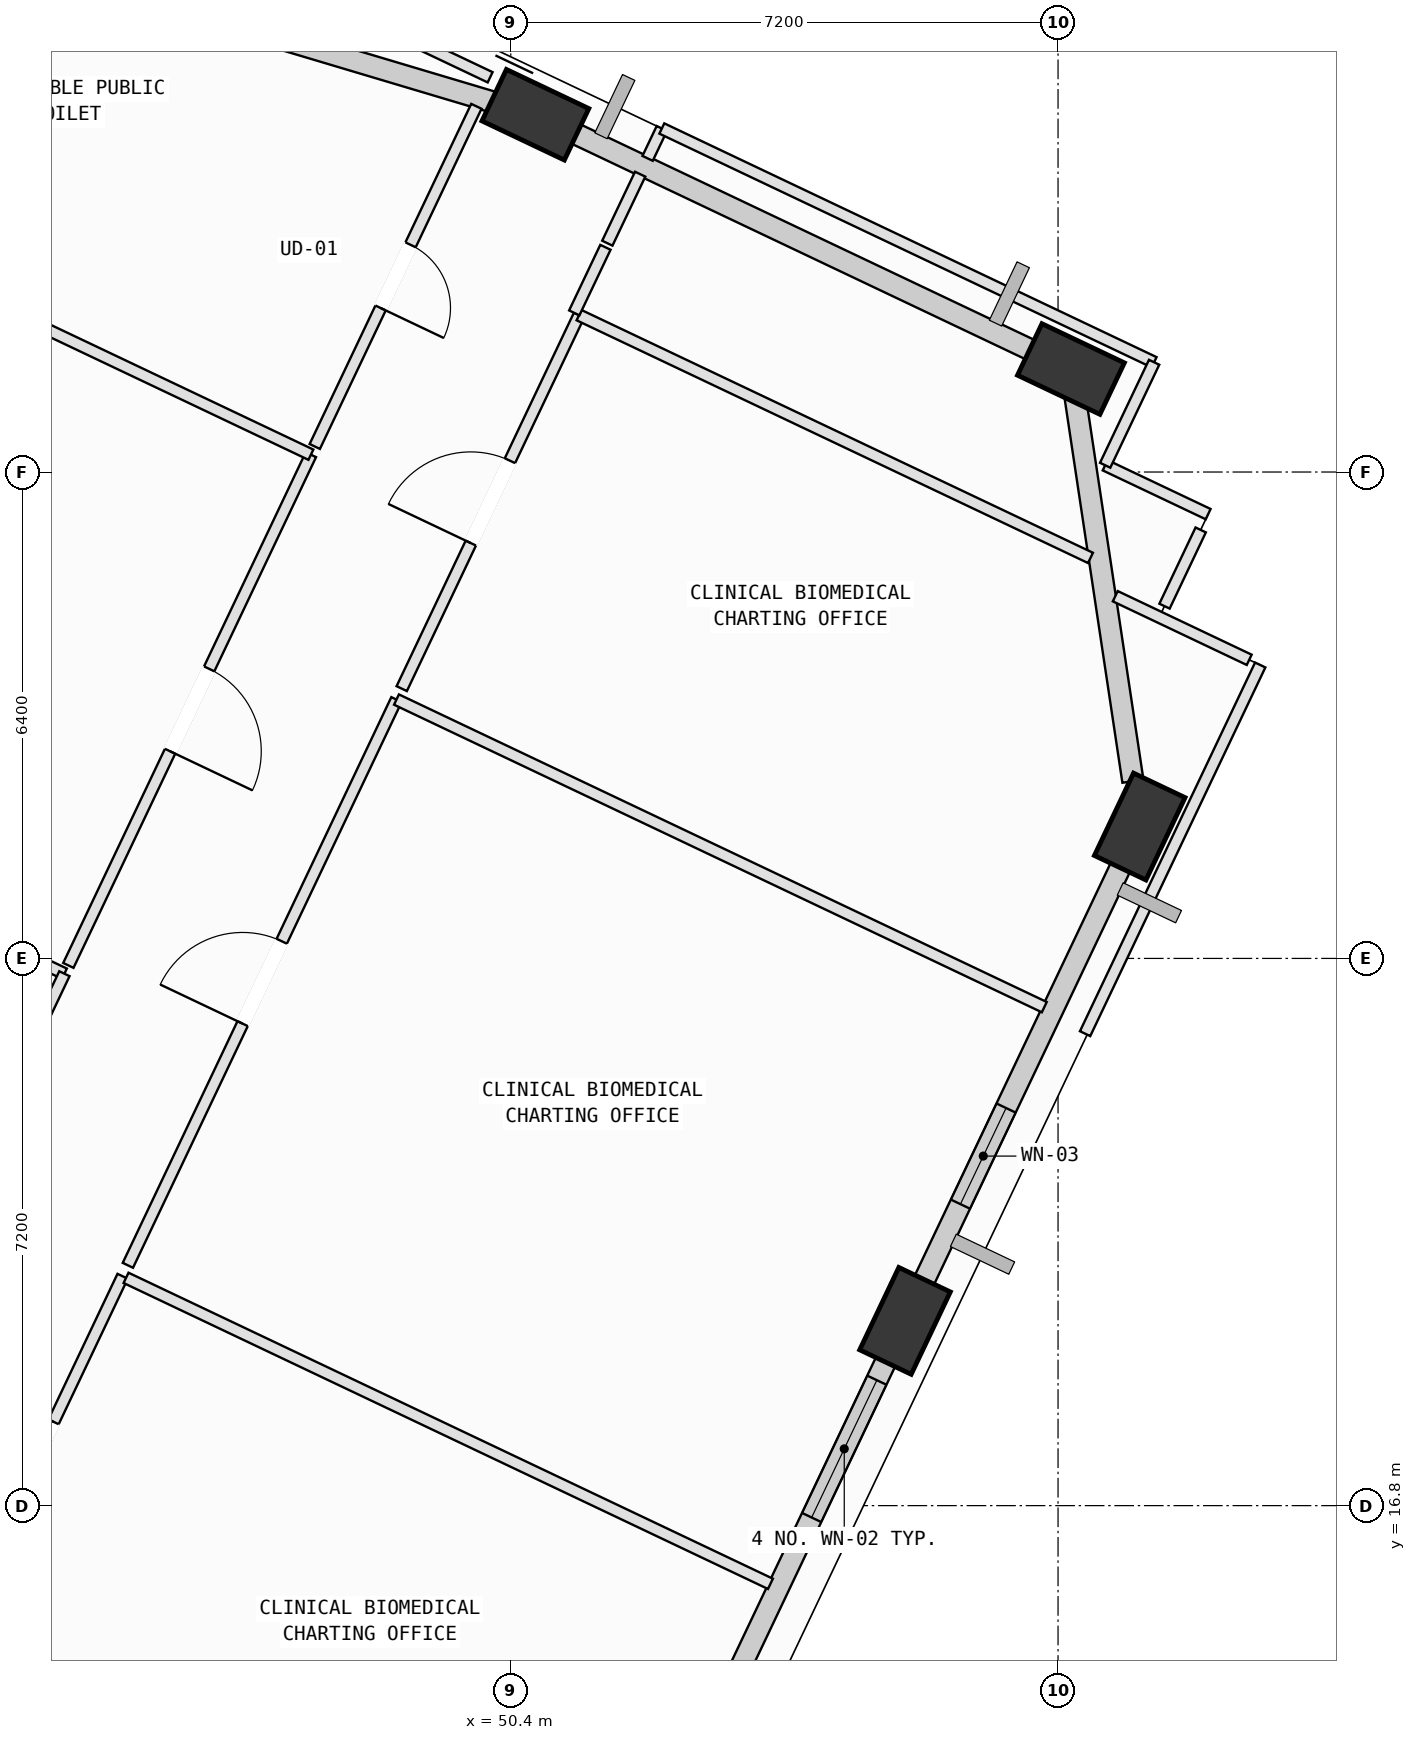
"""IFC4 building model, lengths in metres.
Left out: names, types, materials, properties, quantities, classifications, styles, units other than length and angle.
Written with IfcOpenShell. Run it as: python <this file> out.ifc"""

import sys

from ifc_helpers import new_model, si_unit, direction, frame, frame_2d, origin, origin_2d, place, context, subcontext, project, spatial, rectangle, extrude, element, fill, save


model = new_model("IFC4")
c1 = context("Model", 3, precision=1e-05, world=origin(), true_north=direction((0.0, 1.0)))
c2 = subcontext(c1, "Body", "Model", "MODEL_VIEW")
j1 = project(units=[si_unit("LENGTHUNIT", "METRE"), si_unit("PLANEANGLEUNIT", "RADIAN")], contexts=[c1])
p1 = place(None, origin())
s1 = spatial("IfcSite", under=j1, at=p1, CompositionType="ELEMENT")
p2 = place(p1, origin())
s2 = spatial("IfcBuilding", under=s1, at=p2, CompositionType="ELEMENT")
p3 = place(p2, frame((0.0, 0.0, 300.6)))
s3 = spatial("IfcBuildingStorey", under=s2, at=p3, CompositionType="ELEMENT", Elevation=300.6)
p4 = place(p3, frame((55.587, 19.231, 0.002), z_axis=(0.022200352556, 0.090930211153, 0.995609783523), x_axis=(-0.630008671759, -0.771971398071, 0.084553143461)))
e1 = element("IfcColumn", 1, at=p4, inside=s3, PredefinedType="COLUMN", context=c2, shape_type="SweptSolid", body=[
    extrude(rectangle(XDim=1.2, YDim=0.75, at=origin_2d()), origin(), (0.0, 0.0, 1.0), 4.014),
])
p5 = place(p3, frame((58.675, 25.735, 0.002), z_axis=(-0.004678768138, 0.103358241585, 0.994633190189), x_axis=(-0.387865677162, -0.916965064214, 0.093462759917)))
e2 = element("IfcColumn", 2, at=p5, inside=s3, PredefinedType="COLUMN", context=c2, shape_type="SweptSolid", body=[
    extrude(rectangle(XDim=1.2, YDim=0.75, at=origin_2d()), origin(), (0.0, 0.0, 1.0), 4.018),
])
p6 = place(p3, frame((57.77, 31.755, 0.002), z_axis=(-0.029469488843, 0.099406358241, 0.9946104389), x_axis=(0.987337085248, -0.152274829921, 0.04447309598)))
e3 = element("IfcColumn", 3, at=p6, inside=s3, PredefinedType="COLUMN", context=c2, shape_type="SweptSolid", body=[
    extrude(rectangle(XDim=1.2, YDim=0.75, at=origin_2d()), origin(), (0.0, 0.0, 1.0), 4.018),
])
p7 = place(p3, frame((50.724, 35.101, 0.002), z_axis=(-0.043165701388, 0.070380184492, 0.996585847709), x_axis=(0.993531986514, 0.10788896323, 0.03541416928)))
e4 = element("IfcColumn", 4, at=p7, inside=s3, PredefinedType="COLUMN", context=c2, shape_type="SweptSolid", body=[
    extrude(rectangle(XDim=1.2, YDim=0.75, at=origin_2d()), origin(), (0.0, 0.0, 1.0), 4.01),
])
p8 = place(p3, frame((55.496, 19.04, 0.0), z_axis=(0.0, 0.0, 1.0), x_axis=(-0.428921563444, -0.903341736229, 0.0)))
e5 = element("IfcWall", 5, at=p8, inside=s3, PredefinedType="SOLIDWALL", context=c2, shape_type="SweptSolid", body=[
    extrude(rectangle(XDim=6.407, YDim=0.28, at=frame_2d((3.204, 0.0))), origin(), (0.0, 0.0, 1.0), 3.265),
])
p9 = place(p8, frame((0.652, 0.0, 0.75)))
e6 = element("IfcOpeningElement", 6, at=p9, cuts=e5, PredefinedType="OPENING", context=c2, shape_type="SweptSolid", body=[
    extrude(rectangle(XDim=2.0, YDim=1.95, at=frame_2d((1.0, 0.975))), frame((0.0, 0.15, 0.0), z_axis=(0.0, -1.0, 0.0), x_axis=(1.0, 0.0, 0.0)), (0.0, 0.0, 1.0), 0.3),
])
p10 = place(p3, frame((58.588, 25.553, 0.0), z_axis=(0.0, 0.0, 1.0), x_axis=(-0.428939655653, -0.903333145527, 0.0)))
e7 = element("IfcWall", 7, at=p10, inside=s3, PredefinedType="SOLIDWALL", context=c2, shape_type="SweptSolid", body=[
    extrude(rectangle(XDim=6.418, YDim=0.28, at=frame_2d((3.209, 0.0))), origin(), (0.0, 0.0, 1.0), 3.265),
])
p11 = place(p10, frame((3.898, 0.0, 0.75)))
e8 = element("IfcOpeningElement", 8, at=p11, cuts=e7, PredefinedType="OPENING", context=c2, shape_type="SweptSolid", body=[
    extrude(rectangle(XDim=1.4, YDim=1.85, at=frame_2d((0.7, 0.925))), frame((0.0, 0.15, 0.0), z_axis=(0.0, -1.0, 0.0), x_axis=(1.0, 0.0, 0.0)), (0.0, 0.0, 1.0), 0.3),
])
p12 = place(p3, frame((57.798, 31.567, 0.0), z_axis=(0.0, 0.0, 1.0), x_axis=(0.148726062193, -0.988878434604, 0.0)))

# EXERCISE PROMPT
Take the word "direction" and find each line of the material that contains it. Copy those lines.

# REPLY TO THE EXERCISE
from ifc_helpers import new_model, si_unit, direction, frame, frame_2d, origin, origin_2d, place, context, subcontext, project, spatial, rectangle, extrude, element, fill, save
c1 = context("Model", 3, precision=1e-05, world=origin(), true_north=direction((0.0, 1.0)))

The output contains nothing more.